** Exercise material follows **
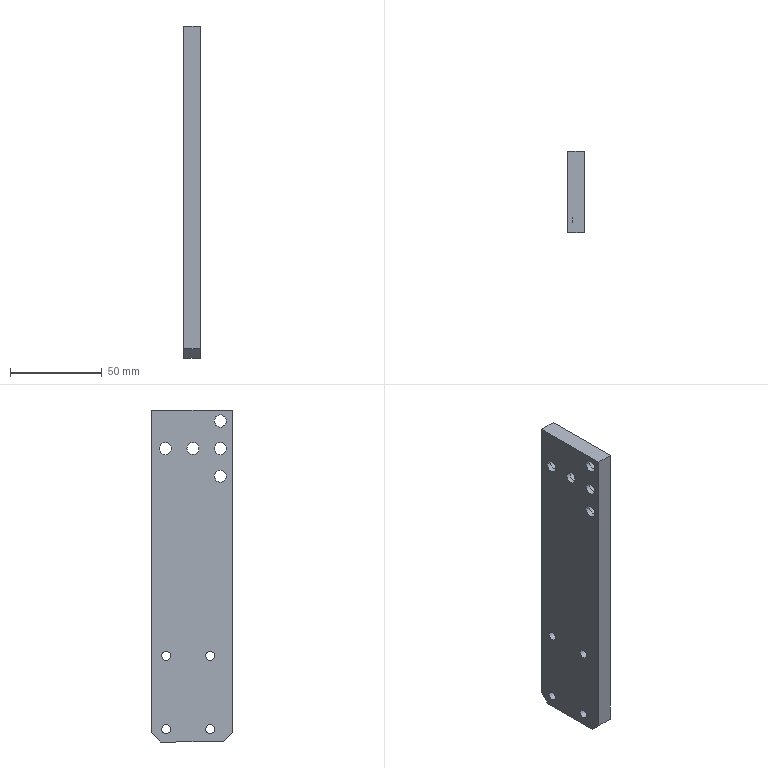Component | SolidWorks | 17081801-804-025A-1 | 1 solid | 41 faces | box 9 x 44 x 181 mm | volume 67258 mm3 | cylinder 28 | plane 13 | commonest cylinder face diameters 11 x10 6.6 x10 5 x8 | material AL6061
build123d program:
from build123d import *

# Parameters (mm, degrees)
SKETCH1_W                                       = 181
SKETCH1_H                                       = 44
BOSS_EXTRUDE1_DEPTH                             = 4.5
M6_TAPPED_HOLE1_D                               = 5
M6_TAPPED_HOLE1_DEPTH                           = 15
M6_TAPPED_HOLE1_TIP                             = 1.502
CHAMFER1_SIZE                                   = 5
M6_HEX_SOCKET_HEAD_CAP_SCREW_CBORE1_D           = 6.6
M6_HEX_SOCKET_HEAD_CAP_SCREW_CBORE1_DEPTH       = 15
M6_HEX_SOCKET_HEAD_CAP_SCREW_CBORE1_CBORE_D     = 11
M6_HEX_SOCKET_HEAD_CAP_SCREW_CBORE1_CBORE_DEPTH = 6.4
M6_HEX_SOCKET_HEAD_CAP_SCREW_CBORE1_TIP         = 1.983
M6_HEX_SOCKET_HEAD_CAP_SCREW_CBORE2_D           = 6.6
M6_HEX_SOCKET_HEAD_CAP_SCREW_CBORE2_DEPTH       = 15
M6_HEX_SOCKET_HEAD_CAP_SCREW_CBORE2_CBORE_D     = 11
M6_HEX_SOCKET_HEAD_CAP_SCREW_CBORE2_CBORE_DEPTH = 6.4
M6_HEX_SOCKET_HEAD_CAP_SCREW_CBORE2_TIP         = 1.983


with BuildPart() as part:
    # Sketch1 → Boss-Extrude1 (new, symmetric)
    with BuildSketch(Plane(origin=(0, 0, 0), x_dir=(1, 0, 0), z_dir=(0, 1, 0))):
        Rectangle(SKETCH1_W, SKETCH1_H)
    extrude(amount=BOSS_EXTRUDE1_DEPTH, both=True)

    # M6 Tapped Hole1
    with Locations(Plane(origin=(0, 4.5, 0), x_dir=(1, 0, 0), z_dir=(0, 1, 0))):
        with Locations((43.5, 10), (83.5, 10), (83.5, -14), (43.5, -14)):
            Hole(M6_TAPPED_HOLE1_D / 2, depth=M6_TAPPED_HOLE1_DEPTH)
            with Locations((0, 0, -(M6_TAPPED_HOLE1_DEPTH + M6_TAPPED_HOLE1_TIP / 2))):  # 118° drill point
                Cone(0, M6_TAPPED_HOLE1_D / 2, M6_TAPPED_HOLE1_TIP, mode=Mode.SUBTRACT)

    # Chamfer1
    chamfer1_edges = [part.edges().sort_by_distance(p)[0] for p in [
        (90.5, 0, -22),
        (90.5, 0, 22),
    ]]
    chamfer(chamfer1_edges, length=CHAMFER1_SIZE)

    # M6 Hex Socket Head Cap Screw CBORE1
    with Locations(Plane.XZ.offset(4.5)):
        with Locations((-84.5, -15.5), (-69.5, -15.5), (-54.5, -15.5)):
            CounterBoreHole(M6_HEX_SOCKET_HEAD_CAP_SCREW_CBORE1_D / 2, M6_HEX_SOCKET_HEAD_CAP_SCREW_CBORE1_CBORE_D / 2, M6_HEX_SOCKET_HEAD_CAP_SCREW_CBORE1_CBORE_DEPTH, depth=M6_HEX_SOCKET_HEAD_CAP_SCREW_CBORE1_DEPTH)
            with Locations((0, 0, -(M6_HEX_SOCKET_HEAD_CAP_SCREW_CBORE1_DEPTH + M6_HEX_SOCKET_HEAD_CAP_SCREW_CBORE1_TIP / 2))):  # 118° drill point
                Cone(0, M6_HEX_SOCKET_HEAD_CAP_SCREW_CBORE1_D / 2, M6_HEX_SOCKET_HEAD_CAP_SCREW_CBORE1_TIP, mode=Mode.SUBTRACT)

    # M6 Hex Socket Head Cap Screw CBORE2
    with Locations(Plane(origin=(0, -4.5, 0), x_dir=(-1, 0, 0), z_dir=(0, -1, 0))):
        with Locations((69.5, 0.5), (69.5, -14.5)):
            CounterBoreHole(M6_HEX_SOCKET_HEAD_CAP_SCREW_CBORE2_D / 2, M6_HEX_SOCKET_HEAD_CAP_SCREW_CBORE2_CBORE_D / 2, M6_HEX_SOCKET_HEAD_CAP_SCREW_CBORE2_CBORE_DEPTH, depth=M6_HEX_SOCKET_HEAD_CAP_SCREW_CBORE2_DEPTH)
            with Locations((0, 0, -(M6_HEX_SOCKET_HEAD_CAP_SCREW_CBORE2_DEPTH + M6_HEX_SOCKET_HEAD_CAP_SCREW_CBORE2_TIP / 2))):  # 118° drill point
                Cone(0, M6_HEX_SOCKET_HEAD_CAP_SCREW_CBORE2_D / 2, M6_HEX_SOCKET_HEAD_CAP_SCREW_CBORE2_TIP, mode=Mode.SUBTRACT)


solid = part.part

# Placed as in the assembly
solid = solid.moved(Location((241.5, 2120.9, 101.5), (-90, 0, 90)))
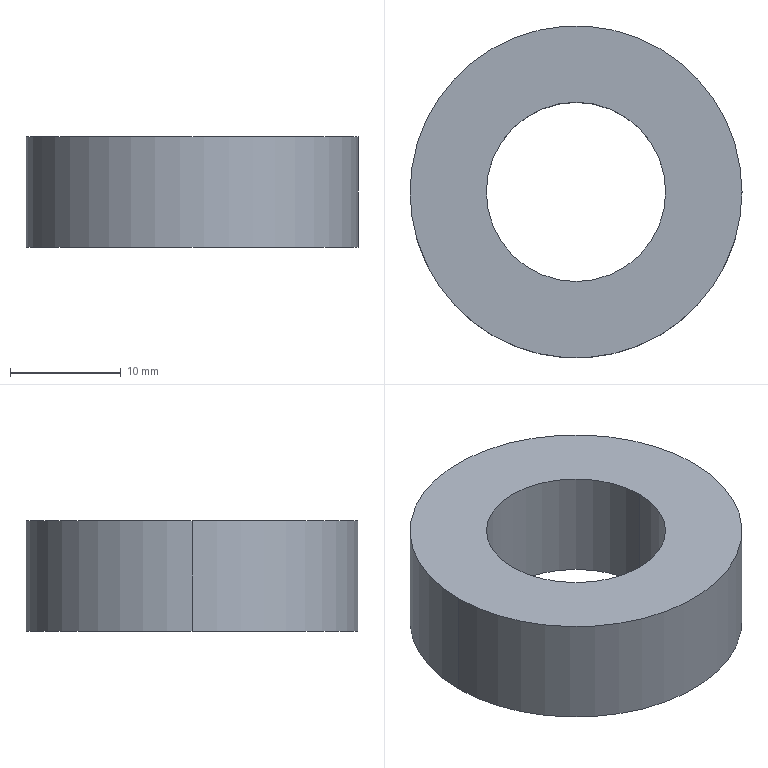Component | SolidWorks | YS01-058BufferPad-1 | 1 solid | 6 faces | box 30 x 30 x 10 mm | volume 5007 mm3 | cylinder 4 | plane 2 | commonest cylinder face diameters 16.2 x2 30 x2
build123d program:
from build123d import *

# Parameters (mm, degrees)
SKETCH1_R           = 15
SKETCH1_R_2         = 8.1
BOSS_EXTRUDE1_DEPTH = 10


with BuildPart() as part:
    # Sketch1 → Boss-Extrude1 (new body)
    with BuildSketch(Plane.XY):
        with Locations((-70, -20)):
            Circle(SKETCH1_R)
        with Locations((-70, -20)):
            Circle(SKETCH1_R_2, mode=Mode.SUBTRACT)
    extrude(amount=-BOSS_EXTRUDE1_DEPTH)


solid = part.part

# Placed as in the assembly
solid = solid.moved(Location((-426.612, -103.873, 2367.4), (0, 0, 0)))
STEP:
#1=COLOUR_RGB('',0.7922,0.8196,0.9333);
#2=FILL_AREA_STYLE_COLOUR('',#1);
#3=FILL_AREA_STYLE('',(#2));
#4=SURFACE_STYLE_FILL_AREA(#3);
#5=SURFACE_SIDE_STYLE('',(#4));
#6=SURFACE_STYLE_USAGE(.BOTH.,#5);
#7=PRESENTATION_STYLE_ASSIGNMENT((#6));
#8=CARTESIAN_POINT('',(-19.871,-4.877,93.205));
#9=VERTEX_POINT('',#8);
#10=CARTESIAN_POINT('',(-19.233,-4.877,93.205));
#11=VERTEX_POINT('',#10);
#12=CARTESIAN_POINT('',(-19.552,-4.877,93.205));
#13=DIRECTION('',(-0.,0.,-1.));
#14=DIRECTION('',(1.,0.,0.));
#15=AXIS2_PLACEMENT_3D('',#12,#13,#14);
#16=CIRCLE('',#15,0.3189);
#17=EDGE_CURVE('',#9,#11,#16,.T.);
#18=ORIENTED_EDGE('',*,*,#17,.F.);
#19=CARTESIAN_POINT('',(-19.871,-4.877,92.811));
#20=VERTEX_POINT('',#19);
#21=CARTESIAN_POINT('',(-19.871,-4.877,93.205));
#22=DIRECTION('',(-0.,0.,-1.));
#23=VECTOR('',#22,39.37);
#24=LINE('',#21,#23);
#25=EDGE_CURVE('',#9,#20,#24,.T.);
#26=ORIENTED_EDGE('',*,*,#25,.T.);
#27=CARTESIAN_POINT('',(-19.233,-4.877,92.811));
#28=VERTEX_POINT('',#27);
#29=CARTESIAN_POINT('',(-19.552,-4.877,92.811));
#30=DIRECTION('',(-0.,0.,-1.));
#31=DIRECTION('',(1.,0.,0.));
#32=AXIS2_PLACEMENT_3D('',#29,#30,#31);
#33=CIRCLE('',#32,0.3189);
#34=EDGE_CURVE('',#20,#28,#33,.T.);
#35=ORIENTED_EDGE('',*,*,#34,.T.);
#36=CARTESIAN_POINT('',(-19.233,-4.877,93.205));
#37=DIRECTION('',(-0.,0.,-1.));
#38=VECTOR('',#37,39.37);
#39=LINE('',#36,#38);
#40=EDGE_CURVE('',#11,#28,#39,.T.);
#41=ORIENTED_EDGE('',*,*,#40,.F.);
#42=EDGE_LOOP('',(#18,#26,#35,#41));
#43=FACE_OUTER_BOUND('',#42,.T.);
#44=CARTESIAN_POINT('',(-19.552,-4.877,93.205));
#45=DIRECTION('',(-0.,0.,-1.));
#46=DIRECTION('',(1.,0.,0.));
#47=AXIS2_PLACEMENT_3D('',#44,#45,#46);
#48=CYLINDRICAL_SURFACE('',#47,0.3189);
#49=ADVANCED_FACE('',(#43),#48,.F.);
#50=CARTESIAN_POINT('',(-18.961,-4.877,93.205));
#51=VERTEX_POINT('',#50);
#52=CARTESIAN_POINT('',(-20.142,-4.877,93.205));
#53=VERTEX_POINT('',#52);
#54=CARTESIAN_POINT('',(-19.552,-4.877,93.205));
#55=DIRECTION('',(-0.,0.,-1.));
#56=DIRECTION('',(1.,0.,0.));
#57=AXIS2_PLACEMENT_3D('',#54,#55,#56);
#58=CIRCLE('',#57,0.5906);
#59=EDGE_CURVE('',#51,#53,#58,.T.);
#60=ORIENTED_EDGE('',*,*,#59,.T.);
#61=CARTESIAN_POINT('',(-20.142,-4.877,92.811));
#62=VERTEX_POINT('',#61);
#63=CARTESIAN_POINT('',(-20.142,-4.877,93.205));
#64=DIRECTION('',(-0.,0.,-1.));
#65=VECTOR('',#64,39.37);
#66=LINE('',#63,#65);
#67=EDGE_CURVE('',#53,#62,#66,.T.);
#68=ORIENTED_EDGE('',*,*,#67,.T.);
#69=CARTESIAN_POINT('',(-18.961,-4.877,92.811));
#70=VERTEX_POINT('',#69);
#71=CARTESIAN_POINT('',(-19.552,-4.877,92.811));
#72=DIRECTION('',(-0.,0.,-1.));
#73=DIRECTION('',(1.,0.,0.));
#74=AXIS2_PLACEMENT_3D('',#71,#72,#73);
#75=CIRCLE('',#74,0.5906);
#76=EDGE_CURVE('',#70,#62,#75,.T.);
#77=ORIENTED_EDGE('',*,*,#76,.F.);
#78=CARTESIAN_POINT('',(-18.961,-4.877,93.205));
#79=DIRECTION('',(-0.,0.,-1.));
#80=VECTOR('',#79,39.37);
#81=LINE('',#78,#80);
#82=EDGE_CURVE('',#51,#70,#81,.T.);
#83=ORIENTED_EDGE('',*,*,#82,.F.);
#84=EDGE_LOOP('',(#60,#68,#77,#83));
#85=FACE_OUTER_BOUND('',#84,.T.);
#86=CARTESIAN_POINT('',(-19.552,-4.877,93.205));
#87=DIRECTION('',(-0.,0.,-1.));
#88=DIRECTION('',(1.,0.,0.));
#89=AXIS2_PLACEMENT_3D('',#86,#87,#88);
#90=CYLINDRICAL_SURFACE('',#89,0.5906);
#91=ADVANCED_FACE('',(#85),#90,.T.);
#92=ORIENTED_EDGE('',*,*,#67,.F.);
#93=CARTESIAN_POINT('',(-19.552,-4.877,93.205));
#94=DIRECTION('',(-0.,0.,-1.));
#95=DIRECTION('',(1.,0.,0.));
#96=AXIS2_PLACEMENT_3D('',#93,#94,#95);
#97=CIRCLE('',#96,0.5906);
#98=EDGE_CURVE('',#53,#51,#97,.T.);
#99=ORIENTED_EDGE('',*,*,#98,.T.);
#100=ORIENTED_EDGE('',*,*,#82,.T.);
#101=CARTESIAN_POINT('',(-19.552,-4.877,92.811));
#102=DIRECTION('',(-0.,0.,-1.));
#103=DIRECTION('',(1.,0.,0.));
#104=AXIS2_PLACEMENT_3D('',#101,#102,#103);
#105=CIRCLE('',#104,0.5906);
#106=EDGE_CURVE('',#62,#70,#105,.T.);
#107=ORIENTED_EDGE('',*,*,#106,.F.);
#108=EDGE_LOOP('',(#92,#99,#100,#107));
#109=FACE_OUTER_BOUND('',#108,.T.);
#110=CARTESIAN_POINT('',(-19.552,-4.877,93.205));
#111=DIRECTION('',(-0.,0.,-1.));
#112=DIRECTION('',(1.,0.,0.));
#113=AXIS2_PLACEMENT_3D('',#110,#111,#112);
#114=CYLINDRICAL_SURFACE('',#113,0.5906);
#115=ADVANCED_FACE('',(#109),#114,.T.);
#116=CARTESIAN_POINT('',(-19.552,-4.877,93.205));
#117=DIRECTION('',(-0.,0.,-1.));
#118=DIRECTION('',(1.,0.,0.));
#119=AXIS2_PLACEMENT_3D('',#116,#117,#118);
#120=CIRCLE('',#119,0.3189);
#121=EDGE_CURVE('',#11,#9,#120,.T.);
#122=ORIENTED_EDGE('',*,*,#121,.T.);
#123=ORIENTED_EDGE('',*,*,#17,.T.);
#124=EDGE_LOOP('',(#122,#123));
#125=FACE_BOUND('',#124,.T.);
#126=ORIENTED_EDGE('',*,*,#59,.F.);
#127=ORIENTED_EDGE('',*,*,#98,.F.);
#128=EDGE_LOOP('',(#126,#127));
#129=FACE_OUTER_BOUND('',#128,.T.);
#130=CARTESIAN_POINT('',(-19.552,-4.877,93.205));
#131=DIRECTION('',(-0.,0.,-1.));
#132=DIRECTION('',(1.,-0.,-0.));
#133=AXIS2_PLACEMENT_3D('',#130,#131,#132);
#134=PLANE('',#133);
#135=ADVANCED_FACE('',(#125,#129),#134,.F.);
#136=CARTESIAN_POINT('',(-19.552,-4.877,92.811));
#137=DIRECTION('',(-0.,0.,-1.));
#138=DIRECTION('',(1.,0.,0.));
#139=AXIS2_PLACEMENT_3D('',#136,#137,#138);
#140=CIRCLE('',#139,0.3189);
#141=EDGE_CURVE('',#28,#20,#140,.T.);
#142=ORIENTED_EDGE('',*,*,#141,.F.);
#143=ORIENTED_EDGE('',*,*,#34,.F.);
#144=EDGE_LOOP('',(#142,#143));
#145=FACE_BOUND('',#144,.T.);
#146=ORIENTED_EDGE('',*,*,#76,.T.);
#147=ORIENTED_EDGE('',*,*,#106,.T.);
#148=EDGE_LOOP('',(#146,#147));
#149=FACE_OUTER_BOUND('',#148,.T.);
#150=CARTESIAN_POINT('',(-19.552,-4.877,92.811));
#151=DIRECTION('',(-0.,0.,-1.));
#152=DIRECTION('',(1.,-0.,-0.));
#153=AXIS2_PLACEMENT_3D('',#150,#151,#152);
#154=PLANE('',#153);
#155=ADVANCED_FACE('',(#145,#149),#154,.T.);
#156=ORIENTED_EDGE('',*,*,#25,.F.);
#157=ORIENTED_EDGE('',*,*,#121,.F.);
#158=ORIENTED_EDGE('',*,*,#40,.T.);
#159=ORIENTED_EDGE('',*,*,#141,.T.);
#160=EDGE_LOOP('',(#156,#157,#158,#159));
#161=FACE_OUTER_BOUND('',#160,.T.);
#162=CARTESIAN_POINT('',(-19.552,-4.877,93.205));
#163=DIRECTION('',(-0.,0.,-1.));
#164=DIRECTION('',(1.,0.,0.));
#165=AXIS2_PLACEMENT_3D('',#162,#163,#164);
#166=CYLINDRICAL_SURFACE('',#165,0.3189);
#167=ADVANCED_FACE('',(#161),#166,.F.);
#168=CLOSED_SHELL('',(#49,#91,#115,#135,#155,#167));
#169=MANIFOLD_SOLID_BREP('',#168);
#170=STYLED_ITEM('',(#7),#169);
#171=PRESENTATION_LAYER_ASSIGNMENT('','',(#170));
#172=CARTESIAN_POINT('',(0.,0.,0.));
#173=DIRECTION('',(0.,0.,1.));
#174=DIRECTION('',(1.,0.,0.));
#175=AXIS2_PLACEMENT_3D('',#172,#173,#174);
#176=(LENGTH_UNIT()NAMED_UNIT(*)SI_UNIT($,.METRE.));
#177=LENGTH_MEASURE_WITH_UNIT(LENGTH_MEASURE(0.0254),#176);
#178=DIMENSIONAL_EXPONENTS(1.,0.,0.,0.,0.,0.,0.);
#179=(CONVERSION_BASED_UNIT('',#177)LENGTH_UNIT()NAMED_UNIT(#178));
#180=UNCERTAINTY_MEASURE_WITH_UNIT(LENGTH_MEASURE(0.00001),#179,'','');
#181=(NAMED_UNIT(*)PLANE_ANGLE_UNIT()SI_UNIT($,.RADIAN.));
#182=(NAMED_UNIT(*)SI_UNIT($,.STERADIAN.)SOLID_ANGLE_UNIT());
#183=(GEOMETRIC_REPRESENTATION_CONTEXT(3)GLOBAL_UNCERTAINTY_ASSIGNED_CONTEXT((#180))GLOBAL_UNIT_ASSIGNED_CONTEXT((#179,#181,#182))REPRESENTATION_CONTEXT('',''));
#184=ADVANCED_BREP_SHAPE_REPRESENTATION('',(#169,#175),#183);
#185=(LENGTH_UNIT()NAMED_UNIT(*)SI_UNIT($,.METRE.));
#186=LENGTH_MEASURE_WITH_UNIT(LENGTH_MEASURE(0.0254),#185);
#187=DIMENSIONAL_EXPONENTS(1.,0.,0.,0.,0.,0.,0.);
#188=(CONVERSION_BASED_UNIT('',#186)LENGTH_UNIT()NAMED_UNIT(#187));
#189=UNCERTAINTY_MEASURE_WITH_UNIT(LENGTH_MEASURE(0.00001),#188,'','');
#190=(NAMED_UNIT(*)PLANE_ANGLE_UNIT()SI_UNIT($,.RADIAN.));
#191=(NAMED_UNIT(*)SI_UNIT($,.STERADIAN.)SOLID_ANGLE_UNIT());
#192=(GEOMETRIC_REPRESENTATION_CONTEXT(3)GLOBAL_UNCERTAINTY_ASSIGNED_CONTEXT((#189))GLOBAL_UNIT_ASSIGNED_CONTEXT((#188,#190,#191))REPRESENTATION_CONTEXT('',''));
#193=MECHANICAL_DESIGN_GEOMETRIC_PRESENTATION_REPRESENTATION('',(#170),#192);
** End of Exercise material **
→ **Brief**
Scan the lines above for "#5=SURFACE_SIDE_STYLE('',(#4));" and for "#11=VERTEX_POINT('',#10);". Repeat exactly the line holding each of them and every line in between.

→ **Worked solution**
#5=SURFACE_SIDE_STYLE('',(#4));
#6=SURFACE_STYLE_USAGE(.BOTH.,#5);
#7=PRESENTATION_STYLE_ASSIGNMENT((#6));
#8=CARTESIAN_POINT('',(-19.871,-4.877,93.205));
#9=VERTEX_POINT('',#8);
#10=CARTESIAN_POINT('',(-19.233,-4.877,93.205));
#11=VERTEX_POINT('',#10);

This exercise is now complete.